# What you are asked to do
An exact reproduction of the lines below, from the first through the one with "world=origin(), true_north=direction((0.0, 1.0)))", is the whole answer; pictures have no place in it.

Data entries:
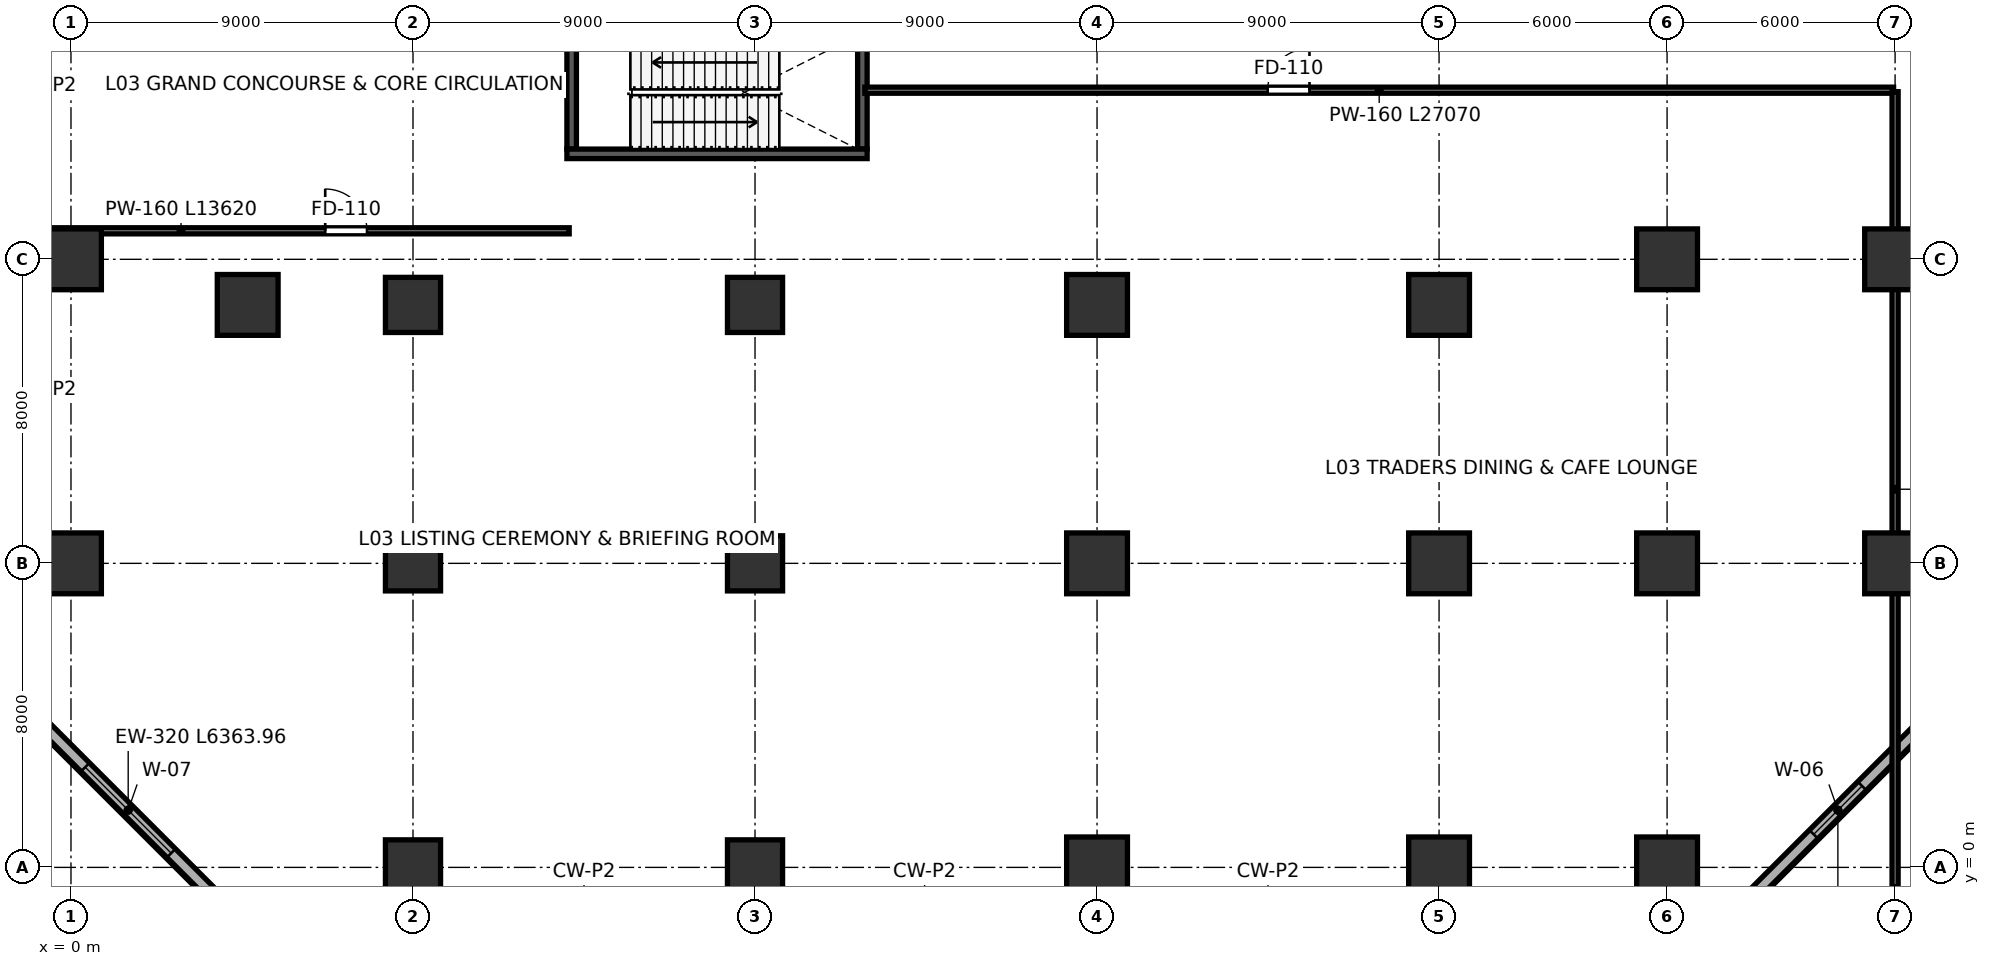
"""IFC4 building model, lengths in metres.
Left out: names, types, materials, properties, quantities, classifications, styles, units other than length and angle.
Written with IfcOpenShell. Run it as: python <this file> out.ifc"""

import sys

from ifc_helpers import new_model, si_unit, direction, frame, frame_2d, origin, origin_2d, place, context, subcontext, project, spatial, rectangle, extrude, source, transform, mapped, element, fill, save


model = new_model("IFC4")
c1 = context("Model", 3, precision=1e-05, world=origin(), true_north=direction((0.0, 1.0)))
c2 = subcontext(c1, "Body", "Model", "MODEL_VIEW")
j1 = project(units=[si_unit("LENGTHUNIT", "METRE"), si_unit("PLANEANGLEUNIT", "RADIAN")], contexts=[c1])
p1 = place(None, origin())
s1 = spatial("IfcSite", under=j1, at=p1, CompositionType="ELEMENT")
p2 = place(p1, origin())
s2 = spatial("IfcBuilding", under=s1, at=p2, CompositionType="ELEMENT")
p3 = place(p2, frame((0.0, 0.0, 12.0)))
s3 = spatial("IfcBuildingStorey", under=s2, at=p3, CompositionType="ELEMENT", Elevation=12.0)
m1 = source(origin(), c2, "Body", "SweptSolid", [
    extrude(rectangle(XDim=1.6, YDim=1.6, at=origin_2d()), origin(), (0.0, 0.0, 1.0), 5.398),
])
for number, where, z_axis, x_axis in (
    (1, (0.0, 8.0, 0.001), (0.0, 0.0, 1.0), (1.0, 0.0, 0.0)),
    (2, (0.0, 16.0, 0.001), (0.0, 0.0, 1.0), (1.0, 0.0, 0.0)),
):
    element("IfcColumn", number, at=place(p3, frame(where, z_axis=z_axis, x_axis=x_axis)), inside=s3, PredefinedType="COLUMN", context=c2, shape_type="MappedRepresentation", body=[
        mapped(m1, transform((0.0, 0.0, 0.0), scale=1.0)),
    ])
m2 = source(origin(), c2, "Body", "SweptSolid", [
    extrude(rectangle(XDim=1.45, YDim=1.45, at=origin_2d()), origin(), (0.0, 0.0, 1.0), 5.398),
])
p4 = place(p3, frame((9.0, 0.0, 0.001), z_axis=(0.0, 0.0, 1.0), x_axis=(1.0, 0.0, 0.0)))
e3 = element("IfcColumn", 3, at=p4, inside=s3, PredefinedType="COLUMN", context=c2, shape_type="MappedRepresentation", body=[
    mapped(m2, transform((0.0, 0.0, 0.0), scale=1.0)),
])
m3 = source(origin(), c2, "Body", "SweptSolid", [
    extrude(rectangle(XDim=1.45, YDim=1.45, at=origin_2d()), origin(), (0.0, 0.0, 1.0), 5.398),
])
for number, where, z_axis, x_axis in (
    (4, (9.0, 8.0, 0.001), (0.0, 0.0, 1.0), (1.0, 0.0, 0.0)),
    (5, (9.0, 14.8, 0.001), (0.0, 0.0, 1.0), (1.0, 0.0, 0.0)),
):
    element("IfcColumn", number, at=place(p3, frame(where, z_axis=z_axis, x_axis=x_axis)), inside=s3, PredefinedType="COLUMN", context=c2, shape_type="MappedRepresentation", body=[
        mapped(m3, transform((0.0, 0.0, 0.0), scale=1.0)),
    ])
p5 = place(p3, frame((18.0, 0.0, 0.001), z_axis=(0.0, 0.0, 1.0), x_axis=(1.0, 0.0, 0.0)))
e6 = element("IfcColumn", 6, at=p5, inside=s3, PredefinedType="COLUMN", context=c2, shape_type="MappedRepresentation", body=[
    mapped(m2, transform((0.0, 0.0, 0.0), scale=1.0)),
])
for number, where, z_axis, x_axis in (
    (7, (18.0, 8.0, 0.001), (0.0, 0.0, 1.0), (1.0, 0.0, 0.0)),
    (8, (18.0, 14.8, 0.001), (0.0, 0.0, 1.0), (1.0, 0.0, 0.0)),
):
    element("IfcColumn", number, at=place(p3, frame(where, z_axis=z_axis, x_axis=x_axis)), inside=s3, PredefinedType="COLUMN", context=c2, shape_type="MappedRepresentation", body=[
        mapped(m3, transform((0.0, 0.0, 0.0), scale=1.0)),
    ])
p6 = place(p3, frame((27.0, 0.0, 0.001), z_axis=(0.0, 0.0, 1.0), x_axis=(1.0, 0.0, 0.0)))
e9 = element("IfcColumn", 9, at=p6, inside=s3, PredefinedType="COLUMN", context=c2, shape_type="MappedRepresentation", body=[
    mapped(m1, transform((0.0, 0.0, 0.0), scale=1.0)),
])
m4 = source(origin(), c2, "Body", "SweptSolid", [
    extrude(rectangle(XDim=1.6, YDim=1.6, at=origin_2d()), origin(), (0.0, 0.0, 1.0), 5.398),
])
for number, where, z_axis, x_axis in (
    (10, (27.0, 8.0, 0.001), (0.0, 0.0, 1.0), (1.0, 0.0, 0.0)),
    (11, (27.0, 14.8, 0.001), (0.0, 0.0, 1.0), (1.0, 0.0, 0.0)),
):
    element("IfcColumn", number, at=place(p3, frame(where, z_axis=z_axis, x_axis=x_axis)), inside=s3, PredefinedType="COLUMN", context=c2, shape_type="MappedRepresentation", body=[
        mapped(m4, transform((0.0, 0.0, 0.0), scale=1.0)),
    ])
p7 = place(p3, frame((36.0, 0.0, 0.001), z_axis=(0.0, 0.0, 1.0), x_axis=(1.0, 0.0, 0.0)))
e12 = element("IfcColumn", 12, at=p7, inside=s3, PredefinedType="COLUMN", context=c2, shape_type="MappedRepresentation", body=[
    mapped(m1, transform((0.0, 0.0, 0.0), scale=1.0)),
])
for number, where, z_axis, x_axis in (
    (13, (36.0, 8.0, 0.001), (0.0, 0.0, 1.0), (1.0, 0.0, 0.0)),
    (14, (36.0, 14.8, 0.001), (0.0, 0.0, 1.0), (1.0, 0.0, 0.0)),
):
    element("IfcColumn", number, at=place(p3, frame(where, z_axis=z_axis, x_axis=x_axis)), inside=s3, PredefinedType="COLUMN", context=c2, shape_type="MappedRepresentation", body=[
        mapped(m4, transform((0.0, 0.0, 0.0), scale=1.0)),
    ])
p8 = place(p3, frame((42.0, 0.0, 0.001), z_axis=(0.0, 0.0, 1.0), x_axis=(1.0, 0.0, 0.0)))
e15 = element("IfcColumn", 15, at=p8, inside=s3, PredefinedType="COLUMN", context=c2, shape_type="MappedRepresentation", body=[
    mapped(m1, transform((0.0, 0.0, 0.0), scale=1.0)),
])
for number, where, z_axis, x_axis in (
    (16, (42.0, 8.0, 0.001), (0.0, 0.0, 1.0), (1.0, 0.0, 0.0)),
    (17, (42.0, 16.0, 0.001), (0.0, 0.0, 1.0), (1.0, 0.0, 0.0)),
):
    element("IfcColumn", number, at=place(p3, frame(where, z_axis=z_axis, x_axis=x_axis)), inside=s3, PredefinedType="COLUMN", context=c2, shape_type="MappedRepresentation", body=[
        mapped(m4, transform((0.0, 0.0, 0.0), scale=1.0)),
    ])
for number, where, z_axis, x_axis in (
    (18, (48.0, 8.0, 0.001), (0.0, 0.0, 1.0), (1.0, 0.0, 0.0)),
    (19, (48.0, 16.0, 0.001), (0.0, 0.0, 1.0), (1.0, 0.0, 0.0)),
):
    element("IfcColumn", number, at=place(p3, frame(where, z_axis=z_axis, x_axis=x_axis)), inside=s3, PredefinedType="COLUMN", context=c2, shape_type="MappedRepresentation", body=[
        mapped(m1, transform((0.0, 0.0, 0.0), scale=1.0)),
    ])
p9 = place(p3, frame((4.65, 14.8, 0.001), z_axis=(0.0, 0.0, 1.0), x_axis=(1.0, 0.0, 0.0)))
e20 = element("IfcColumn", 20, at=p9, inside=s3, PredefinedType="COLUMN", context=c2, shape_type="MappedRepresentation", body=[
    mapped(m4, transform((0.0, 0.0, 0.0), scale=1.0)),
])
p10 = place(p3, frame((44.244, -0.744, 0.0), z_axis=(0.0, 0.0, 1.0), x_axis=(0.707106781187, 0.707106781187, 0.0)))
e21 = element("IfcWall", 21, at=p10, inside=s3, PredefinedType="SOLIDWALL", context=c2, shape_type="SweptSolid", body=[
    extrude(rectangle(XDim=6.364, YDim=0.32, at=frame_2d((3.182, 0.0))), origin(), (0.0, 0.0, 1.0), 5.14),
])
p11 = place(p10, frame((2.282, 0.0, 0.65)))
e22 = element("IfcOpeningElement", 22, at=p11, cuts=e21, PredefinedType="OPENING", context=c2, shape_type="SweptSolid", body=[
    extrude(rectangle(XDim=1.8, YDim=2.1, at=frame_2d((0.9, 1.05))), frame((0.0, 0.17, 0.0), z_axis=(0.0, -1.0, 0.0), x_axis=(1.0, 0.0, 0.0)), (0.0, 0.0, 1.0), 0.34),
])
p12 = place(p3, frame((-0.744, 3.756, 0.0), z_axis=(0.0, 0.0, 1.0), x_axis=(0.707106781187, -0.707106781187, 0.0)))
e23 = element("IfcWall", 23, at=p12, inside=s3, PredefinedType="SOLIDWALL", context=c2, shape_type="SweptSolid", body=[
    extrude(rectangle(XDim=6.364, YDim=0.32, at=frame_2d((3.182, 0.0))), origin(), (0.0, 0.0, 1.0), 5.14),
])
p13 = place(p12, frame((1.582, 0.0, 0.65)))
e24 = element("IfcOpeningElement", 24, at=p13, cuts=e23, PredefinedType="OPENING", context=c2, shape_type="SweptSolid", body=[
    extrude(rectangle(XDim=3.2, YDim=2.5, at=frame_2d((1.6, 1.25))), frame((0.0, 0.17, 0.0), z_axis=(0.0, -1.0, 0.0), x_axis=(1.0, 0.0, 0.0)), (0.0, 0.0, 1.0), 0.34),
])
for number, where, z_axis, x_axis in (
    (25, (13.175, 18.9, 0.0), (0.0, 0.0, 1.0), (0.0, 1.0, 0.0)),
    (26, (20.825, 18.9, 0.0), (0.0, 0.0, 1.0), (0.0, 1.0, 0.0)),
):
    element("IfcWall", number, at=place(p3, frame(where, z_axis=z_axis, x_axis=x_axis)), inside=s3, PredefinedType="SHEAR", context=c2, shape_type="SweptSolid", body=[
        extrude(rectangle(XDim=2.99, YDim=0.25, at=frame_2d((1.495, 0.0))), origin(), (0.0, 0.0, 1.0), 5.14),
    ])
p14 = place(p3, frame((13.05, 18.775, 0.0), z_axis=(0.0, 0.0, 1.0), x_axis=(1.0, 0.0, 0.0)))
e27 = element("IfcWall", 27, at=p14, inside=s3, PredefinedType="SHEAR", context=c2, shape_type="SweptSolid", body=[
    extrude(rectangle(XDim=7.9, YDim=0.25, at=frame_2d((3.95, 0.0))), origin(), (0.0, 0.0, 1.0), 5.14),
])
p15 = place(p3, frame((-0.51, 16.75, 0.0), z_axis=(0.0, 0.0, 1.0), x_axis=(1.0, 0.0, 0.0)))
e28 = element("IfcWall", 28, at=p15, inside=s3, PredefinedType="PARTITIONING", context=c2, shape_type="SweptSolid", body=[
    extrude(rectangle(XDim=13.62, YDim=0.16, at=frame_2d((6.81, 0.0))), origin(), (0.0, 0.0, 1.0), 4.27),
])
p16 = place(p15, frame((7.2, 0.0, 0.0)))
e29 = element("IfcOpeningElement", 29, at=p16, cuts=e28, PredefinedType="OPENING", context=c2, shape_type="SweptSolid", body=[
    extrude(rectangle(XDim=1.1, YDim=2.2, at=frame_2d((0.55, 1.1))), frame((0.0, 0.09, 0.0), z_axis=(0.0, -1.0, 0.0), x_axis=(1.0, 0.0, 0.0)), (0.0, 0.0, 1.0), 0.18),
])
p17 = place(p3, frame((20.89, 20.45, 0.0), z_axis=(0.0, 0.0, 1.0), x_axis=(1.0, 0.0, 0.0)))
e30 = element("IfcWall", 30, at=p17, inside=s3, PredefinedType="PARTITIONING", context=c2, shape_type="SweptSolid", body=[
    extrude(rectangle(XDim=27.07, YDim=0.16, at=frame_2d((13.535, 0.0))), origin(), (0.0, 0.0, 1.0), 4.27),
])
p18 = place(p17, frame((10.6, 0.0, 0.0)))
e31 = element("IfcOpeningElement", 31, at=p18, cuts=e30, PredefinedType="OPENING", context=c2, shape_type="SweptSolid", body=[
    extrude(rectangle(XDim=1.1, YDim=2.2, at=frame_2d((0.55, 1.1))), frame((0.0, 0.09, 0.0), z_axis=(0.0, -1.0, 0.0), x_axis=(1.0, 0.0, 0.0)), (0.0, 0.0, 1.0), 0.18),
])
p19 = place(p3, frame((48.0, -0.51, 0.0), z_axis=(0.0, 0.0, 1.0), x_axis=(0.0, 1.0, 0.0)))
e32 = element("IfcWall", 32, at=p19, inside=s3, PredefinedType="PARTITIONING", context=c2, shape_type="SweptSolid", body=[
    extrude(rectangle(XDim=20.92, YDim=0.16, at=frame_2d((10.46, 0.0))), origin(), (0.0, 0.0, 1.0), 4.275),
])
m5 = source(origin(), c2, "Body", "SweptSolid", [
    extrude(rectangle(XDim=1.8, YDim=2.1, at=frame_2d((0.9, 1.05))), frame((0.0, 0.03, 0.0), z_axis=(0.0, -1.0, 0.0), x_axis=(1.0, 0.0, 0.0)), (0.0, 0.0, 1.0), 0.06),
])
p20 = place(p11, origin())
e33 = element("IfcWindow", 33, at=p20, inside=s3, PartitioningType="SINGLE_PANEL", PredefinedType="WINDOW", context=c2, shape_type="MappedRepresentation", body=[
    mapped(m5, transform((0.0, 0.0, 0.0), scale=1.0)),
])
fill(e22, e33)
m6 = source(origin(), c2, "Body", "SweptSolid", [
    extrude(rectangle(XDim=3.2, YDim=2.5, at=frame_2d((1.6, 1.25))), frame((0.0, 0.03, 0.0), z_axis=(0.0, -1.0, 0.0), x_axis=(1.0, 0.0, 0.0)), (0.0, 0.0, 1.0), 0.06),
])
p21 = place(p13, origin())
e34 = element("IfcWindow", 34, at=p21, inside=s3, PartitioningType="TRIPLE_PANEL_VERTICAL", PredefinedType="WINDOW", context=c2, shape_type="MappedRepresentation", body=[
    mapped(m6, transform((0.0, 0.0, 0.0), scale=1.0)),
])
fill(e24, e34)
m7 = source(origin(), c2, "Body", "SweptSolid", [
    extrude(rectangle(XDim=1.1, YDim=2.2, at=frame_2d((0.55, 1.1))), frame((0.0, 0.025, 0.0), z_axis=(0.0, -1.0, 0.0), x_axis=(1.0, 0.0, 0.0)), (0.0, 0.0, 1.0), 0.05),
])
p22 = place(p16, origin())
e35 = element("IfcDoor", 35, at=p22, inside=s3, OperationType="SINGLE_SWING_LEFT", PredefinedType="DOOR", context=c2, shape_type="MappedRepresentation", body=[
    mapped(m7, transform((0.0, 0.0, 0.0), scale=1.0)),
])
fill(e29, e35)
p23 = place(p18, origin())
e36 = element("IfcDoor", 36, at=p23, inside=s3, OperationType="SINGLE_SWING_RIGHT", PredefinedType="DOOR", context=c2, shape_type="MappedRepresentation", body=[
    mapped(m7, transform((0.0, 0.0, 0.0), scale=1.0)),
])
fill(e31, e36)
save(model, sys.argv[1])

# Solution
"""IFC4 building model, lengths in metres.
Left out: names, types, materials, properties, quantities, classifications, styles, units other than length and angle.
Written with IfcOpenShell. Run it as: python <this file> out.ifc"""

import sys

from ifc_helpers import new_model, si_unit, direction, frame, frame_2d, origin, origin_2d, place, context, subcontext, project, spatial, rectangle, extrude, source, transform, mapped, element, fill, save


model = new_model("IFC4")
c1 = context("Model", 3, precision=1e-05, world=origin(), true_north=direction((0.0, 1.0)))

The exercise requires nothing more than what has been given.